Stored items:
● ● ● ●

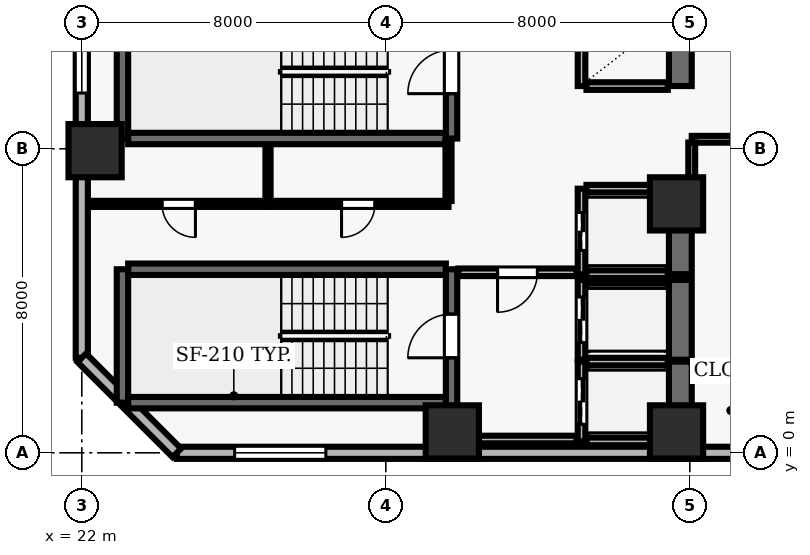
"""IFC4 building model, lengths in metres.
Left out: names, types, materials, properties, quantities, classifications, styles, units other than length and angle.
Written with IfcOpenShell. Run it as: python <this file> out.ifc"""

import sys

from ifc_helpers import new_model, si_unit, direction, frame, frame_2d, origin, origin_2d, place, context, subcontext, project, spatial, rectangle, extrude, element, fill, save


model = new_model("IFC4")
c1 = context("Model", 3, precision=1e-05, world=origin(), true_north=direction((0.0, 1.0)))
c2 = subcontext(c1, "Body", "Model", "MODEL_VIEW")
j1 = project(units=[si_unit("LENGTHUNIT", "METRE"), si_unit("PLANEANGLEUNIT", "RADIAN")], contexts=[c1])
p1 = place(None, origin())
s1 = spatial("IfcSite", under=j1, at=p1, CompositionType="ELEMENT")
p2 = place(p1, origin())
s2 = spatial("IfcBuilding", under=s1, at=p2, CompositionType="ELEMENT")
p3 = place(p2, frame((0.0, 0.0, 46.6)))
s3 = spatial("IfcBuildingStorey", under=s2, at=p3, CompositionType="ELEMENT", Elevation=46.6)
for number, where, z_axis, x_axis in (
    (1, (31.75, 0.55, 0.0), (0.0, 0.0, 1.0), (1.0, 0.0, 0.0)),
    (2, (37.65, 0.55, 0.0), (0.0, 0.0, 1.0), (1.0, 0.0, 0.0)),
    (3, (22.35, 7.95, 0.0), (0.0, 0.0, 1.0), (1.0, 0.0, 0.0)),
    (4, (37.65, 6.55, 0.0), (0.0, 0.0, 1.0), (1.0, 0.0, 0.0)),
):
    element("IfcColumn", number, at=place(p3, frame(where, z_axis=z_axis, x_axis=x_axis)), inside=s3, PredefinedType="COLUMN", context=c2, shape_type="SweptSolid", body=[
        extrude(rectangle(XDim=1.4, YDim=1.4, at=origin_2d()), origin(), (0.0, 0.0, 1.0), 3.9),
    ])
p4 = place(p3, frame((24.5, 0.0, 0.0), z_axis=(0.0, 0.0, 1.0), x_axis=(1.0, 0.0, 0.0)))
e5 = element("IfcWall", 5, at=p4, inside=s3, PredefinedType="SOLIDWALL", context=c2, shape_type="SweptSolid", body=[
    extrude(rectangle(XDim=49.0, YDim=0.32, at=frame_2d((24.5, 0.0))), origin(), (0.0, 0.0, 1.0), 3.69),
])
p5 = place(p4, frame((1.522, 0.0, 0.9)))
e6 = element("IfcOpeningElement", 6, at=p5, cuts=e5, PredefinedType="OPENING", context=c2, shape_type="SweptSolid", body=[
    extrude(rectangle(XDim=2.4, YDim=2.2, at=frame_2d((1.2, 1.1))), frame((0.0, 0.17, 0.0), z_axis=(0.0, -1.0, 0.0), x_axis=(1.0, 0.0, 0.0)), (0.0, 0.0, 1.0), 0.34),
])
p6 = place(p4, frame((17.856, 0.0, 0.9)))
e7 = element("IfcOpeningElement", 7, at=p6, cuts=e5, PredefinedType="OPENING", context=c2, shape_type="SweptSolid", body=[
    extrude(rectangle(XDim=2.4, YDim=2.2, at=frame_2d((1.2, 1.1))), frame((0.0, 0.17, 0.0), z_axis=(0.0, -1.0, 0.0), x_axis=(1.0, 0.0, 0.0)), (0.0, 0.0, 1.0), 0.34),
])
p7 = place(p4, frame((23.3, 0.0, 0.9)))
e8 = element("IfcOpeningElement", 8, at=p7, cuts=e5, PredefinedType="OPENING", context=c2, shape_type="SweptSolid", body=[
    extrude(rectangle(XDim=2.4, YDim=2.2, at=frame_2d((1.2, 1.1))), frame((0.0, 0.17, 0.0), z_axis=(0.0, -1.0, 0.0), x_axis=(1.0, 0.0, 0.0)), (0.0, 0.0, 1.0), 0.34),
])
p8 = place(p4, frame((28.744, 0.0, 0.9)))
e9 = element("IfcOpeningElement", 9, at=p8, cuts=e5, PredefinedType="OPENING", context=c2, shape_type="SweptSolid", body=[
    extrude(rectangle(XDim=2.4, YDim=2.2, at=frame_2d((1.2, 1.1))), frame((0.0, 0.17, 0.0), z_axis=(0.0, -1.0, 0.0), x_axis=(1.0, 0.0, 0.0)), (0.0, 0.0, 1.0), 0.34),
])
p9 = place(p4, frame((34.189, 0.0, 0.9)))
e10 = element("IfcOpeningElement", 10, at=p9, cuts=e5, PredefinedType="OPENING", context=c2, shape_type="SweptSolid", body=[
    extrude(rectangle(XDim=2.4, YDim=2.2, at=frame_2d((1.2, 1.1))), frame((0.0, 0.17, 0.0), z_axis=(0.0, -1.0, 0.0), x_axis=(1.0, 0.0, 0.0)), (0.0, 0.0, 1.0), 0.34),
])
p10 = place(p4, frame((39.633, 0.0, 0.9)))
e11 = element("IfcOpeningElement", 11, at=p10, cuts=e5, PredefinedType="OPENING", context=c2, shape_type="SweptSolid", body=[
    extrude(rectangle(XDim=2.4, YDim=2.2, at=frame_2d((1.2, 1.1))), frame((0.0, 0.17, 0.0), z_axis=(0.0, -1.0, 0.0), x_axis=(1.0, 0.0, 0.0)), (0.0, 0.0, 1.0), 0.34),
])
p11 = place(p4, frame((45.078, 0.0, 0.9)))
e12 = element("IfcOpeningElement", 12, at=p11, cuts=e5, PredefinedType="OPENING", context=c2, shape_type="SweptSolid", body=[
    extrude(rectangle(XDim=2.4, YDim=2.2, at=frame_2d((1.2, 1.1))), frame((0.0, 0.17, 0.0), z_axis=(0.0, -1.0, 0.0), x_axis=(1.0, 0.0, 0.0)), (0.0, 0.0, 1.0), 0.34),
])
p12 = place(p3, frame((22.0, 51.5, 0.0), z_axis=(0.0, 0.0, 1.0), x_axis=(0.0, -1.0, 0.0)))
e13 = element("IfcWall", 13, at=p12, inside=s3, PredefinedType="SOLIDWALL", context=c2, shape_type="SweptSolid", body=[
    extrude(rectangle(XDim=49.0, YDim=0.32, at=frame_2d((24.5, 0.0))), origin(), (0.0, 0.0, 1.0), 3.69),
])
p13 = place(p12, frame((12.1, 0.0, 0.0)))
e14 = element("IfcOpeningElement", 14, at=p13, cuts=e13, PredefinedType="OPENING", context=c2, shape_type="SweptSolid", body=[
    extrude(rectangle(XDim=1.0, YDim=2.2, at=frame_2d((0.5, 1.1))), frame((0.0, 0.17, 0.0), z_axis=(0.0, -1.0, 0.0), x_axis=(1.0, 0.0, 0.0)), (0.0, 0.0, 1.0), 0.34),
])
p14 = place(p12, frame((1.522, 0.0, 0.9)))
e15 = element("IfcOpeningElement", 15, at=p14, cuts=e13, PredefinedType="OPENING", context=c2, shape_type="SweptSolid", body=[
    extrude(rectangle(XDim=2.4, YDim=2.2, at=frame_2d((1.2, 1.1))), frame((0.0, 0.17, 0.0), z_axis=(0.0, -1.0, 0.0), x_axis=(1.0, 0.0, 0.0)), (0.0, 0.0, 1.0), 0.34),
])
p15 = place(p12, frame((6.967, 0.0, 0.9)))
e16 = element("IfcOpeningElement", 16, at=p15, cuts=e13, PredefinedType="OPENING", context=c2, shape_type="SweptSolid", body=[
    extrude(rectangle(XDim=2.4, YDim=2.2, at=frame_2d((1.2, 1.1))), frame((0.0, 0.17, 0.0), z_axis=(0.0, -1.0, 0.0), x_axis=(1.0, 0.0, 0.0)), (0.0, 0.0, 1.0), 0.34),
])
p16 = place(p12, frame((22.4, 0.0, 0.9)))
e17 = element("IfcOpeningElement", 17, at=p16, cuts=e13, PredefinedType="OPENING", context=c2, shape_type="SweptSolid", body=[
    extrude(rectangle(XDim=2.4, YDim=2.2, at=frame_2d((1.2, 1.1))), frame((0.0, 0.17, 0.0), z_axis=(0.0, -1.0, 0.0), x_axis=(1.0, 0.0, 0.0)), (0.0, 0.0, 1.0), 0.34),
])
p17 = place(p12, frame((29.194, 0.0, 0.9)))
e18 = element("IfcOpeningElement", 18, at=p17, cuts=e13, PredefinedType="OPENING", context=c2, shape_type="SweptSolid", body=[
    extrude(rectangle(XDim=2.4, YDim=2.2, at=frame_2d((1.2, 1.1))), frame((0.0, 0.17, 0.0), z_axis=(0.0, -1.0, 0.0), x_axis=(1.0, 0.0, 0.0)), (0.0, 0.0, 1.0), 0.34),
])
p18 = place(p12, frame((33.289, 0.0, 0.9)))
e19 = element("IfcOpeningElement", 19, at=p18, cuts=e13, PredefinedType="OPENING", context=c2, shape_type="SweptSolid", body=[
    extrude(rectangle(XDim=2.4, YDim=2.2, at=frame_2d((1.2, 1.1))), frame((0.0, 0.17, 0.0), z_axis=(0.0, -1.0, 0.0), x_axis=(1.0, 0.0, 0.0)), (0.0, 0.0, 1.0), 0.34),
])
p19 = place(p12, frame((39.633, 0.0, 0.9)))
e20 = element("IfcOpeningElement", 20, at=p19, cuts=e13, PredefinedType="OPENING", context=c2, shape_type="SweptSolid", body=[
    extrude(rectangle(XDim=2.4, YDim=2.2, at=frame_2d((1.2, 1.1))), frame((0.0, 0.17, 0.0), z_axis=(0.0, -1.0, 0.0), x_axis=(1.0, 0.0, 0.0)), (0.0, 0.0, 1.0), 0.34),
])
p20 = place(p3, frame((22.0, 2.5, 0.0), z_axis=(0.0, 0.0, 1.0), x_axis=(0.707106781187, -0.707106781187, 0.0)))
e21 = element("IfcWall", 21, at=p20, inside=s3, PredefinedType="SOLIDWALL", context=c2, shape_type="SweptSolid", body=[
    extrude(rectangle(XDim=3.536, YDim=0.32, at=frame_2d((1.768, 0.0))), origin(), (0.0, 0.0, 1.0), 3.69),
])
p21 = place(p3, frame((31.58, 4.83, 0.0), z_axis=(0.0, 0.0, 1.0), x_axis=(-1.0, 0.0, 0.0)))
e22 = element("IfcWall", 22, at=p21, inside=s3, PredefinedType="SHEAR", context=c2, shape_type="SweptSolid", body=[
    extrude(rectangle(XDim=8.36, YDim=0.3, at=frame_2d((4.18, 0.0))), origin(), (0.0, 0.0, 1.0), 3.69),
])
p22 = place(p3, frame((23.07, 4.83, 0.0), z_axis=(0.0, 0.0, 1.0), x_axis=(0.0, -1.0, 0.0)))
e23 = element("IfcWall", 23, at=p22, inside=s3, PredefinedType="SHEAR", context=c2, shape_type="SweptSolid", body=[
    extrude(rectangle(XDim=3.51, YDim=0.3, at=frame_2d((1.755, 0.0))), origin(), (0.0, 0.0, 1.0), 3.69),
])
p23 = place(p3, frame((23.22, 1.32, 0.0), z_axis=(0.0, 0.0, 1.0), x_axis=(1.0, 0.0, 0.0)))
e24 = element("IfcWall", 24, at=p23, inside=s3, PredefinedType="SHEAR", context=c2, shape_type="SweptSolid", body=[
    extrude(rectangle(XDim=8.36, YDim=0.3, at=frame_2d((4.18, 0.0))), origin(), (0.0, 0.0, 1.0), 3.69),
])
p24 = place(p3, frame((31.73, 0.96, 0.0), z_axis=(0.0, 0.0, 1.0), x_axis=(0.0, 1.0, 0.0)))
e25 = element("IfcWall", 25, at=p24, inside=s3, PredefinedType="SHEAR", context=c2, shape_type="SweptSolid", body=[
    extrude(rectangle(XDim=3.87, YDim=0.3, at=frame_2d((1.935, 0.0))), origin(), (0.0, 0.0, 1.0), 3.69),
])
p25 = place(p24, frame((1.54, 0.0, 0.0)))
e26 = element("IfcOpeningElement", 26, at=p25, cuts=e25, PredefinedType="OPENING", context=c2, shape_type="SweptSolid", body=[
    extrude(rectangle(XDim=1.15, YDim=2.15, at=frame_2d((0.575, 1.075))), frame((0.0, 0.16, 0.0), z_axis=(0.0, -1.0, 0.0), x_axis=(1.0, 0.0, 0.0)), (0.0, 0.0, 1.0), 0.32),
])
p26 = place(p3, frame((23.07, 11.78, 0.0), z_axis=(0.0, 0.0, 1.0), x_axis=(0.0, -1.0, 0.0)))
e27 = element("IfcWall", 27, at=p26, inside=s3, PredefinedType="SHEAR", context=c2, shape_type="SweptSolid", body=[
    extrude(rectangle(XDim=3.51, YDim=0.3, at=frame_2d((1.755, 0.0))), origin(), (0.0, 0.0, 1.0), 3.69),
])
p27 = place(p3, frame((23.22, 8.27, 0.0), z_axis=(0.0, 0.0, 1.0), x_axis=(1.0, 0.0, 0.0)))
e28 = element("IfcWall", 28, at=p27, inside=s3, PredefinedType="SHEAR", context=c2, shape_type="SweptSolid", body=[
    extrude(rectangle(XDim=8.36, YDim=0.3, at=frame_2d((4.18, 0.0))), origin(), (0.0, 0.0, 1.0), 3.69),
])
p28 = place(p3, frame((31.73, 8.27, 0.0), z_axis=(0.0, 0.0, 1.0), x_axis=(0.0, 1.0, 0.0)))
e29 = element("IfcWall", 29, at=p28, inside=s3, PredefinedType="SHEAR", context=c2, shape_type="SweptSolid", body=[
    extrude(rectangle(XDim=3.51, YDim=0.3, at=frame_2d((1.755, 0.0))), origin(), (0.0, 0.0, 1.0), 3.69),
])
p29 = place(p28, frame((1.18, 0.0, 0.0)))
e30 = element("IfcOpeningElement", 30, at=p29, cuts=e29, PredefinedType="OPENING", context=c2, shape_type="SweptSolid", body=[
    extrude(rectangle(XDim=1.15, YDim=2.15, at=frame_2d((0.575, 1.075))), frame((0.0, 0.16, 0.0), z_axis=(0.0, -1.0, 0.0), x_axis=(1.0, 0.0, 0.0)), (0.0, 0.0, 1.0), 0.32),
])
p30 = place(p3, frame((35.15, 2.4, 0.0), z_axis=(0.0, 0.0, 1.0), x_axis=(0.0, -1.0, 0.0)))
e31 = element("IfcWall", 31, at=p30, inside=s3, PredefinedType="SOLIDWALL", context=c2, shape_type="SweptSolid", body=[
    extrude(rectangle(XDim=2.1, YDim=0.2, at=frame_2d((1.05, 0.0))), origin(), (0.0, 0.0, 1.0), 3.69),
])
p31 = place(p30, frame((0.45, 0.0, 0.0)))
e32 = element("IfcOpeningElement", 32, at=p31, cuts=e31, PredefinedType="OPENING", context=c2, shape_type="SweptSolid", body=[
    extrude(rectangle(XDim=1.2, YDim=2.15, at=frame_2d((0.6, 1.075))), frame((0.0, 0.11, 0.0), z_axis=(0.0, -1.0, 0.0), x_axis=(1.0, 0.0, 0.0)), (0.0, 0.0, 1.0), 0.22),
])
p32 = place(p3, frame((37.75, 0.3, 0.0), z_axis=(0.0, 0.0, 1.0), x_axis=(0.0, 1.0, 0.0)))
e33 = element("IfcWall", 33, at=p32, inside=s3, PredefinedType="SHEAR", context=c2, shape_type="SweptSolid", body=[
    extrude(rectangle(XDim=2.1, YDim=0.6, at=frame_2d((1.05, 0.0))), origin(), (0.0, 0.0, 1.0), 3.69),
])
for number, where, z_axis, x_axis in (
    (34, (35.28, 0.3, 0.0), (0.0, 0.0, 1.0), (1.0, 0.0, 0.0)),
    (35, (37.42, 2.4, 0.0), (0.0, 0.0, 1.0), (-1.0, 0.0, 0.0)),
):
    element("IfcWall", number, at=place(p3, frame(where, z_axis=z_axis, x_axis=x_axis)), inside=s3, PredefinedType="SOLIDWALL", context=c2, shape_type="SweptSolid", body=[
        extrude(rectangle(XDim=2.14, YDim=0.2, at=frame_2d((1.07, 0.0))), origin(), (0.0, 0.0, 1.0), 3.69),
    ])
p33 = place(p3, frame((35.15, 4.55, 0.0), z_axis=(0.0, 0.0, 1.0), x_axis=(0.0, -1.0, 0.0)))
e36 = element("IfcWall", 36, at=p33, inside=s3, PredefinedType="SOLIDWALL", context=c2, shape_type="SweptSolid", body=[
    extrude(rectangle(XDim=2.1, YDim=0.2, at=frame_2d((1.05, 0.0))), origin(), (0.0, 0.0, 1.0), 3.69),
])
p34 = place(p33, frame((0.45, 0.0, 0.0)))
e37 = element("IfcOpeningElement", 37, at=p34, cuts=e36, PredefinedType="OPENING", context=c2, shape_type="SweptSolid", body=[
    extrude(rectangle(XDim=1.2, YDim=2.15, at=frame_2d((0.6, 1.075))), frame((0.0, 0.11, 0.0), z_axis=(0.0, -1.0, 0.0), x_axis=(1.0, 0.0, 0.0)), (0.0, 0.0, 1.0), 0.22),
])
p35 = place(p3, frame((37.75, 2.45, 0.0), z_axis=(0.0, 0.0, 1.0), x_axis=(0.0, 1.0, 0.0)))
e38 = element("IfcWall", 38, at=p35, inside=s3, PredefinedType="SHEAR", context=c2, shape_type="SweptSolid", body=[
    extrude(rectangle(XDim=2.1, YDim=0.6, at=frame_2d((1.05, 0.0))), origin(), (0.0, 0.0, 1.0), 3.69),
])
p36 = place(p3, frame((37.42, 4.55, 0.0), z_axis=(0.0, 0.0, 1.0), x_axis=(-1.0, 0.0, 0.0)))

● ● ● ●

**TRY IT**:
Which lines of the data hold the string "subcontext"? Return each of them.

**ANSWER SPACE**:
from ifc_helpers import new_model, si_unit, direction, frame, frame_2d, origin, origin_2d, place, context, subcontext, project, spatial, rectangle, extrude, element, fill, save
c2 = subcontext(c1, "Body", "Model", "MODEL_VIEW")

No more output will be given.